-- Task details --
Count how many lines in the data hold the word "under", and give that number alone.

-- Material for this exercise --
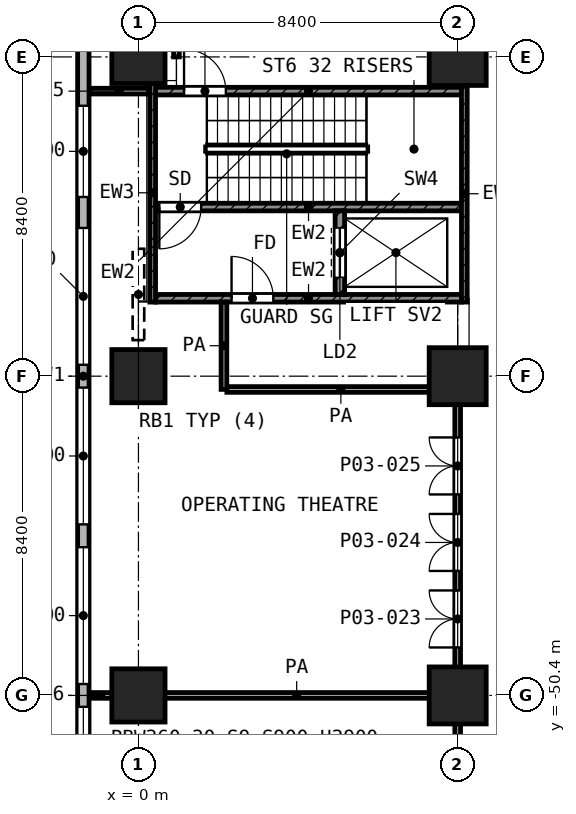
"""IFC4 building model, lengths in metres.
Left out: names, types, materials, properties, quantities, classifications, styles, units other than length and angle.
Written with IfcOpenShell. Run it as: python <this file> out.ifc"""

import sys

from ifc_helpers import new_model, si_unit, direction, frame, frame_2d, origin, origin_2d, place, context, subcontext, project, spatial, rectangle, extrude, element, fill, save


model = new_model("IFC4")
c1 = context("Model", 3, precision=1e-05, world=origin(), true_north=direction((0.0, 1.0)))
c2 = subcontext(c1, "Body", "Model", "MODEL_VIEW")
j1 = project(units=[si_unit("LENGTHUNIT", "METRE"), si_unit("PLANEANGLEUNIT", "RADIAN")], contexts=[c1])
p1 = place(None, origin())
s1 = spatial("IfcSite", under=j1, at=p1, CompositionType="ELEMENT")
p2 = place(p1, origin())
s2 = spatial("IfcBuilding", under=s1, at=p2, CompositionType="ELEMENT")
p3 = place(p2, frame((0.0, 0.0, 12.6)))
s3 = spatial("IfcBuildingStorey", under=s2, at=p3, CompositionType="ELEMENT", Elevation=12.6)
p4 = place(p3, frame((0.0, -33.6, 0.0), z_axis=(0.0, 0.0, 1.0), x_axis=(1.0, 0.0, 0.0)))
e1 = element("IfcColumn", 1, at=p4, inside=s3, PredefinedType="COLUMN", context=c2, shape_type="SweptSolid", body=[
    extrude(rectangle(XDim=1.4, YDim=1.4, at=origin_2d()), origin(), (0.0, 0.0, 1.0), 5.6),
])
p5 = place(p3, frame((8.4, -33.6, 0.0), z_axis=(0.0, 0.0, 1.0), x_axis=(1.0, 0.0, 0.0)))
e2 = element("IfcColumn", 2, at=p5, inside=s3, PredefinedType="COLUMN", context=c2, shape_type="SweptSolid", body=[
    extrude(rectangle(XDim=1.5, YDim=1.5, at=origin_2d()), origin(), (0.0, 0.0, 1.0), 5.6),
])
p6 = place(p3, frame((0.0, -42.0, 0.0), z_axis=(0.0, 0.0, 1.0), x_axis=(1.0, 0.0, 0.0)))
e3 = element("IfcColumn", 3, at=p6, inside=s3, PredefinedType="COLUMN", context=c2, shape_type="SweptSolid", body=[
    extrude(rectangle(XDim=1.4, YDim=1.4, at=origin_2d()), origin(), (0.0, 0.0, 1.0), 5.6),
])
p7 = place(p3, frame((8.4, -42.0, 0.0), z_axis=(0.0, 0.0, 1.0), x_axis=(1.0, 0.0, 0.0)))
e4 = element("IfcColumn", 4, at=p7, inside=s3, PredefinedType="COLUMN", context=c2, shape_type="SweptSolid", body=[
    extrude(rectangle(XDim=1.5, YDim=1.5, at=origin_2d()), origin(), (0.0, 0.0, 1.0), 5.6),
])
p8 = place(p3, frame((0.0, -50.4, 0.0), z_axis=(0.0, 0.0, 1.0), x_axis=(1.0, 0.0, 0.0)))
e5 = element("IfcColumn", 5, at=p8, inside=s3, PredefinedType="COLUMN", context=c2, shape_type="SweptSolid", body=[
    extrude(rectangle(XDim=1.4, YDim=1.4, at=origin_2d()), origin(), (0.0, 0.0, 1.0), 5.6),
])
p9 = place(p3, frame((8.4, -50.4, 0.0), z_axis=(0.0, 0.0, 1.0), x_axis=(1.0, 0.0, 0.0)))
e6 = element("IfcColumn", 6, at=p9, inside=s3, PredefinedType="COLUMN", context=c2, shape_type="SweptSolid", body=[
    extrude(rectangle(XDim=1.5, YDim=1.5, at=origin_2d()), origin(), (0.0, 0.0, 1.0), 5.6),
])
p10 = place(p3, frame((-1.45, -4.462, 0.0), z_axis=(0.0, 0.0, 1.0), x_axis=(0.0, -1.0, 0.0)))
e7 = element("IfcWall", 7, at=p10, inside=s3, PredefinedType="SOLIDWALL", context=c2, shape_type="SweptSolid", body=[
    extrude(rectangle(XDim=75.076, YDim=0.3, at=frame_2d((37.538, 0.0))), origin(), (0.0, 0.0, 1.0), 5.25),
])
p11 = place(p10, frame((0.738, 0.0, 0.9)))
e8 = element("IfcOpeningElement", 8, at=p11, cuts=e7, PredefinedType="OPENING", context=c2, shape_type="SweptSolid", body=[
    extrude(rectangle(XDim=2.4, YDim=3.0, at=frame_2d((1.2, 1.5))), frame((0.0, 0.16, 0.0), z_axis=(0.0, -1.0, 0.0), x_axis=(1.0, 0.0, 0.0)), (0.0, 0.0, 1.0), 0.32),
])
p12 = place(p10, frame((4.238, 0.0, 0.9)))
e9 = element("IfcOpeningElement", 9, at=p12, cuts=e7, PredefinedType="OPENING", context=c2, shape_type="SweptSolid", body=[
    extrude(rectangle(XDim=3.6, YDim=3.0, at=frame_2d((1.8, 1.5))), frame((0.0, 0.16, 0.0), z_axis=(0.0, -1.0, 0.0), x_axis=(1.0, 0.0, 0.0)), (0.0, 0.0, 1.0), 0.32),
])
p13 = place(p10, frame((8.438, 0.0, 0.9)))
e10 = element("IfcOpeningElement", 10, at=p13, cuts=e7, PredefinedType="OPENING", context=c2, shape_type="SweptSolid", body=[
    extrude(rectangle(XDim=3.6, YDim=3.0, at=frame_2d((1.8, 1.5))), frame((0.0, 0.16, 0.0), z_axis=(0.0, -1.0, 0.0), x_axis=(1.0, 0.0, 0.0)), (0.0, 0.0, 1.0), 0.32),
])
p14 = place(p10, frame((12.638, 0.0, 0.9)))
e11 = element("IfcOpeningElement", 11, at=p14, cuts=e7, PredefinedType="OPENING", context=c2, shape_type="SweptSolid", body=[
    extrude(rectangle(XDim=3.6, YDim=3.0, at=frame_2d((1.8, 1.5))), frame((0.0, 0.16, 0.0), z_axis=(0.0, -1.0, 0.0), x_axis=(1.0, 0.0, 0.0)), (0.0, 0.0, 1.0), 0.32),
])
p15 = place(p10, frame((16.838, 0.0, 0.9)))
e12 = element("IfcOpeningElement", 12, at=p15, cuts=e7, PredefinedType="OPENING", context=c2, shape_type="SweptSolid", body=[
    extrude(rectangle(XDim=3.6, YDim=3.0, at=frame_2d((1.8, 1.5))), frame((0.0, 0.16, 0.0), z_axis=(0.0, -1.0, 0.0), x_axis=(1.0, 0.0, 0.0)), (0.0, 0.0, 1.0), 0.32),
])
p16 = place(p10, frame((21.403, 0.0, 0.9)))
e13 = element("IfcOpeningElement", 13, at=p16, cuts=e7, PredefinedType="OPENING", context=c2, shape_type="SweptSolid", body=[
    extrude(rectangle(XDim=2.4, YDim=3.0, at=frame_2d((1.2, 1.5))), frame((0.0, 0.16, 0.0), z_axis=(0.0, -1.0, 0.0), x_axis=(1.0, 0.0, 0.0)), (0.0, 0.0, 1.0), 0.32),
])
p17 = place(p10, frame((25.238, 0.0, 0.9)))
e14 = element("IfcOpeningElement", 14, at=p17, cuts=e7, PredefinedType="OPENING", context=c2, shape_type="SweptSolid", body=[
    extrude(rectangle(XDim=3.6, YDim=3.0, at=frame_2d((1.8, 1.5))), frame((0.0, 0.16, 0.0), z_axis=(0.0, -1.0, 0.0), x_axis=(1.0, 0.0, 0.0)), (0.0, 0.0, 1.0), 0.32),
])
p18 = place(p10, frame((30.423, 0.0, 0.9)))
e15 = element("IfcOpeningElement", 15, at=p18, cuts=e7, PredefinedType="OPENING", context=c2, shape_type="SweptSolid", body=[
    extrude(rectangle(XDim=2.4, YDim=3.0, at=frame_2d((1.2, 1.5))), frame((0.0, 0.16, 0.0), z_axis=(0.0, -1.0, 0.0), x_axis=(1.0, 0.0, 0.0)), (0.0, 0.0, 1.0), 0.32),
])
p19 = place(p10, frame((33.638, 0.0, 0.9)))
e16 = element("IfcOpeningElement", 16, at=p19, cuts=e7, PredefinedType="OPENING", context=c2, shape_type="SweptSolid", body=[
    extrude(rectangle(XDim=3.6, YDim=3.0, at=frame_2d((1.8, 1.5))), frame((0.0, 0.16, 0.0), z_axis=(0.0, -1.0, 0.0), x_axis=(1.0, 0.0, 0.0)), (0.0, 0.0, 1.0), 0.32),
])
p20 = place(p10, frame((37.838, 0.0, 0.9)))
e17 = element("IfcOpeningElement", 17, at=p20, cuts=e7, PredefinedType="OPENING", context=c2, shape_type="SweptSolid", body=[
    extrude(rectangle(XDim=3.6, YDim=3.0, at=frame_2d((1.8, 1.5))), frame((0.0, 0.16, 0.0), z_axis=(0.0, -1.0, 0.0), x_axis=(1.0, 0.0, 0.0)), (0.0, 0.0, 1.0), 0.32),
])
p21 = place(p10, frame((42.038, 0.0, 0.9)))
e18 = element("IfcOpeningElement", 18, at=p21, cuts=e7, PredefinedType="OPENING", context=c2, shape_type="SweptSolid", body=[
    extrude(rectangle(XDim=3.6, YDim=3.0, at=frame_2d((1.8, 1.5))), frame((0.0, 0.16, 0.0), z_axis=(0.0, -1.0, 0.0), x_axis=(1.0, 0.0, 0.0)), (0.0, 0.0, 1.0), 0.32),
])
p22 = place(p10, frame((46.238, 0.0, 0.9)))
e19 = element("IfcOpeningElement", 19, at=p22, cuts=e7, PredefinedType="OPENING", context=c2, shape_type="SweptSolid", body=[
    extrude(rectangle(XDim=3.6, YDim=3.0, at=frame_2d((1.8, 1.5))), frame((0.0, 0.16, 0.0), z_axis=(0.0, -1.0, 0.0), x_axis=(1.0, 0.0, 0.0)), (0.0, 0.0, 1.0), 0.32),
])
p23 = place(p10, frame((50.438, 0.0, 0.9)))
e20 = element("IfcOpeningElement", 20, at=p23, cuts=e7, PredefinedType="OPENING", context=c2, shape_type="SweptSolid", body=[
    extrude(rectangle(XDim=3.6, YDim=3.0, at=frame_2d((1.8, 1.5))), frame((0.0, 0.16, 0.0), z_axis=(0.0, -1.0, 0.0), x_axis=(1.0, 0.0, 0.0)), (0.0, 0.0, 1.0), 0.32),
])
p24 = place(p10, frame((54.638, 0.0, 0.9)))
e21 = element("IfcOpeningElement", 21, at=p24, cuts=e7, PredefinedType="OPENING", context=c2, shape_type="SweptSolid", body=[
    extrude(rectangle(XDim=3.6, YDim=3.0, at=frame_2d((1.8, 1.5))), frame((0.0, 0.16, 0.0), z_axis=(0.0, -1.0, 0.0), x_axis=(1.0, 0.0, 0.0)), (0.0, 0.0, 1.0), 0.32),
])
p25 = place(p10, frame((58.838, 0.0, 0.9)))
e22 = element("IfcOpeningElement", 22, at=p25, cuts=e7, PredefinedType="OPENING", context=c2, shape_type="SweptSolid", body=[
    extrude(rectangle(XDim=3.6, YDim=3.0, at=frame_2d((1.8, 1.5))), frame((0.0, 0.16, 0.0), z_axis=(0.0, -1.0, 0.0), x_axis=(1.0, 0.0, 0.0)), (0.0, 0.0, 1.0), 0.32),
])
p26 = place(p10, frame((63.038, 0.0, 0.9)))
e23 = element("IfcOpeningElement", 23, at=p26, cuts=e7, PredefinedType="OPENING", context=c2, shape_type="SweptSolid", body=[
    extrude(rectangle(XDim=3.6, YDim=3.0, at=frame_2d((1.8, 1.5))), frame((0.0, 0.16, 0.0), z_axis=(0.0, -1.0, 0.0), x_axis=(1.0, 0.0, 0.0)), (0.0, 0.0, 1.0), 0.32),
])
p27 = place(p10, frame((67.603, 0.0, 0.9)))
e24 = element("IfcOpeningElement", 24, at=p27, cuts=e7, PredefinedType="OPENING", context=c2, shape_type="SweptSolid", body=[
    extrude(rectangle(XDim=1.2, YDim=3.0, at=frame_2d((0.6, 1.5))), frame((0.0, 0.16, 0.0), z_axis=(0.0, -1.0, 0.0), x_axis=(1.0, 0.0, 0.0)), (0.0, 0.0, 1.0), 0.32),
])
p28 = place(p10, frame((71.938, 0.0, 0.9)))
e25 = element("IfcOpeningElement", 25, at=p28, cuts=e7, PredefinedType="OPENING", context=c2, shape_type="SweptSolid", body=[
    extrude(rectangle(XDim=2.4, YDim=3.0, at=frame_2d((1.2, 1.5))), frame((0.0, 0.16, 0.0), z_axis=(0.0, -1.0, 0.0), x_axis=(1.0, 0.0, 0.0)), (0.0, 0.0, 1.0), 0.32),
])
p29 = place(p3, frame((0.375, -40.05, 0.0), z_axis=(0.0, 0.0, 1.0), x_axis=(0.0, 1.0, 0.0)))
e26 = element("IfcWall", 26, at=p29, inside=s3, PredefinedType="SHEAR", context=c2, shape_type="SweptSolid", body=[
    extrude(rectangle(XDim=5.75, YDim=0.15, at=frame_2d((2.875, 0.0))), origin(), (0.0, 0.0, 1.0), 5.25),
])
p30 = place(p3, frame((8.575, -40.05, 0.0), z_axis=(0.0, 0.0, 1.0), x_axis=(0.0, 1.0, 0.0)))
e27 = element("IfcWall", 27, at=p30, inside=s3, PredefinedType="SHEAR", context=c2, shape_type="SweptSolid", body=[
    extrude(rectangle(XDim=5.7, YDim=0.15, at=frame_2d((2.85, 0.0))), origin(), (0.0, 0.0, 1.0), 5.25),
])
p31 = place(p3, frame((0.45, -34.5, 0.0), z_axis=(0.0, 0.0, 1.0), x_axis=(1.0, 0.0, 0.0)))
e28 = element("IfcWall", 28, at=p31, inside=s3, PredefinedType="SHEAR", context=c2, shape_type="SweptSolid", body=[
    extrude(rectangle(XDim=8.05, YDim=0.2, at=frame_2d((4.025, 0.0))), origin(), (0.0, 0.0, 1.0), 5.25),
])
p32 = place(p31, frame((0.75, 0.0, 0.0)))
e29 = element("IfcOpeningElement", 29, at=p32, cuts=e28, PredefinedType="OPENING", context=c2, shape_type="SweptSolid", body=[
    extrude(rectangle(XDim=1.1, YDim=2.1, at=frame_2d((0.55, 1.05))), frame((0.0, 0.11, 0.0), z_axis=(0.0, -1.0, 0.0), x_axis=(1.0, 0.0, 0.0)), (0.0, 0.0, 1.0), 0.22),
])
p33 = place(p3, frame((0.45, -37.55, 0.0), z_axis=(0.0, 0.0, 1.0), x_axis=(1.0, 0.0, 0.0)))
e30 = element("IfcWall", 30, at=p33, inside=s3, PredefinedType="SHEAR", context=c2, shape_type="SweptSolid", body=[
    extrude(rectangle(XDim=8.05, YDim=0.2, at=frame_2d((4.025, 0.0))), origin(), (0.0, 0.0, 1.0), 5.25),
])
p34 = place(p33, frame((0.1, 0.0, 0.0)))
e31 = element("IfcOpeningElement", 31, at=p34, cuts=e30, PredefinedType="OPENING", context=c2, shape_type="SweptSolid", body=[
    extrude(rectangle(XDim=1.1, YDim=2.1, at=frame_2d((0.55, 1.05))), frame((0.0, 0.11, 0.0), z_axis=(0.0, -1.0, 0.0), x_axis=(1.0, 0.0, 0.0)), (0.0, 0.0, 1.0), 0.22),
])
p35 = place(p3, frame((0.45, -39.95, 0.0), z_axis=(0.0, 0.0, 1.0), x_axis=(1.0, 0.0, 0.0)))
e32 = element("IfcWall", 32, at=p35, inside=s3, PredefinedType="SHEAR", context=c2, shape_type="SweptSolid", body=[
    extrude(rectangle(XDim=8.05, YDim=0.2, at=frame_2d((4.025, 0.0))), origin(), (0.0, 0.0, 1.0), 5.25),
])
p36 = place(p35, frame((2.0, 0.0, 0.0)))
e33 = element("IfcOpeningElement", 33, at=p36, cuts=e32, PredefinedType="OPENING", context=c2, shape_type="SweptSolid", body=[
    extrude(rectangle(XDim=1.1, YDim=2.1, at=frame_2d((0.55, 1.05))), frame((0.0, 0.11, 0.0), z_axis=(0.0, -1.0, 0.0), x_axis=(1.0, 0.0, 0.0)), (0.0, 0.0, 1.0), 0.22),
])
p37 = place(p3, frame((5.3, -39.85, 0.0), z_axis=(0.0, 0.0, 1.0), x_axis=(0.0, 1.0, 0.0)))
e34 = element("IfcWall", 34, at=p37, inside=s3, PredefinedType="SHEAR", context=c2, shape_type="SweptSolid", body=[
    extrude(rectangle(XDim=2.2, YDim=0.25, at=frame_2d((1.1, 0.0))), origin(), (0.0, 0.0, 1.0), 5.25),
])
p38 = place(p37, frame((0.45, 0.0, 0.0)))
e35 = element("IfcOpeningElement", 35, at=p38, cuts=e34, PredefinedType="OPENING", context=c2, shape_type="SweptSolid", body=[
    extrude(rectangle(XDim=1.3, YDim=2.1, at=frame_2d((0.65, 1.05))), frame((0.0, 0.135, 0.0), z_axis=(0.0, -1.0, 0.0), x_axis=(1.0, 0.0, 0.0)), (0.0, 0.0, 1.0), 0.27),
])
p39 = place(p3, frame((-1.28, -50.4, 0.0), z_axis=(0.0, 0.0, 1.0), x_axis=(1.0, 0.0, 0.0)))
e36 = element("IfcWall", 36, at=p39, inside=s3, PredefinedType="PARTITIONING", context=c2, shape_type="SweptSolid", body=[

-- Exercise answer --
3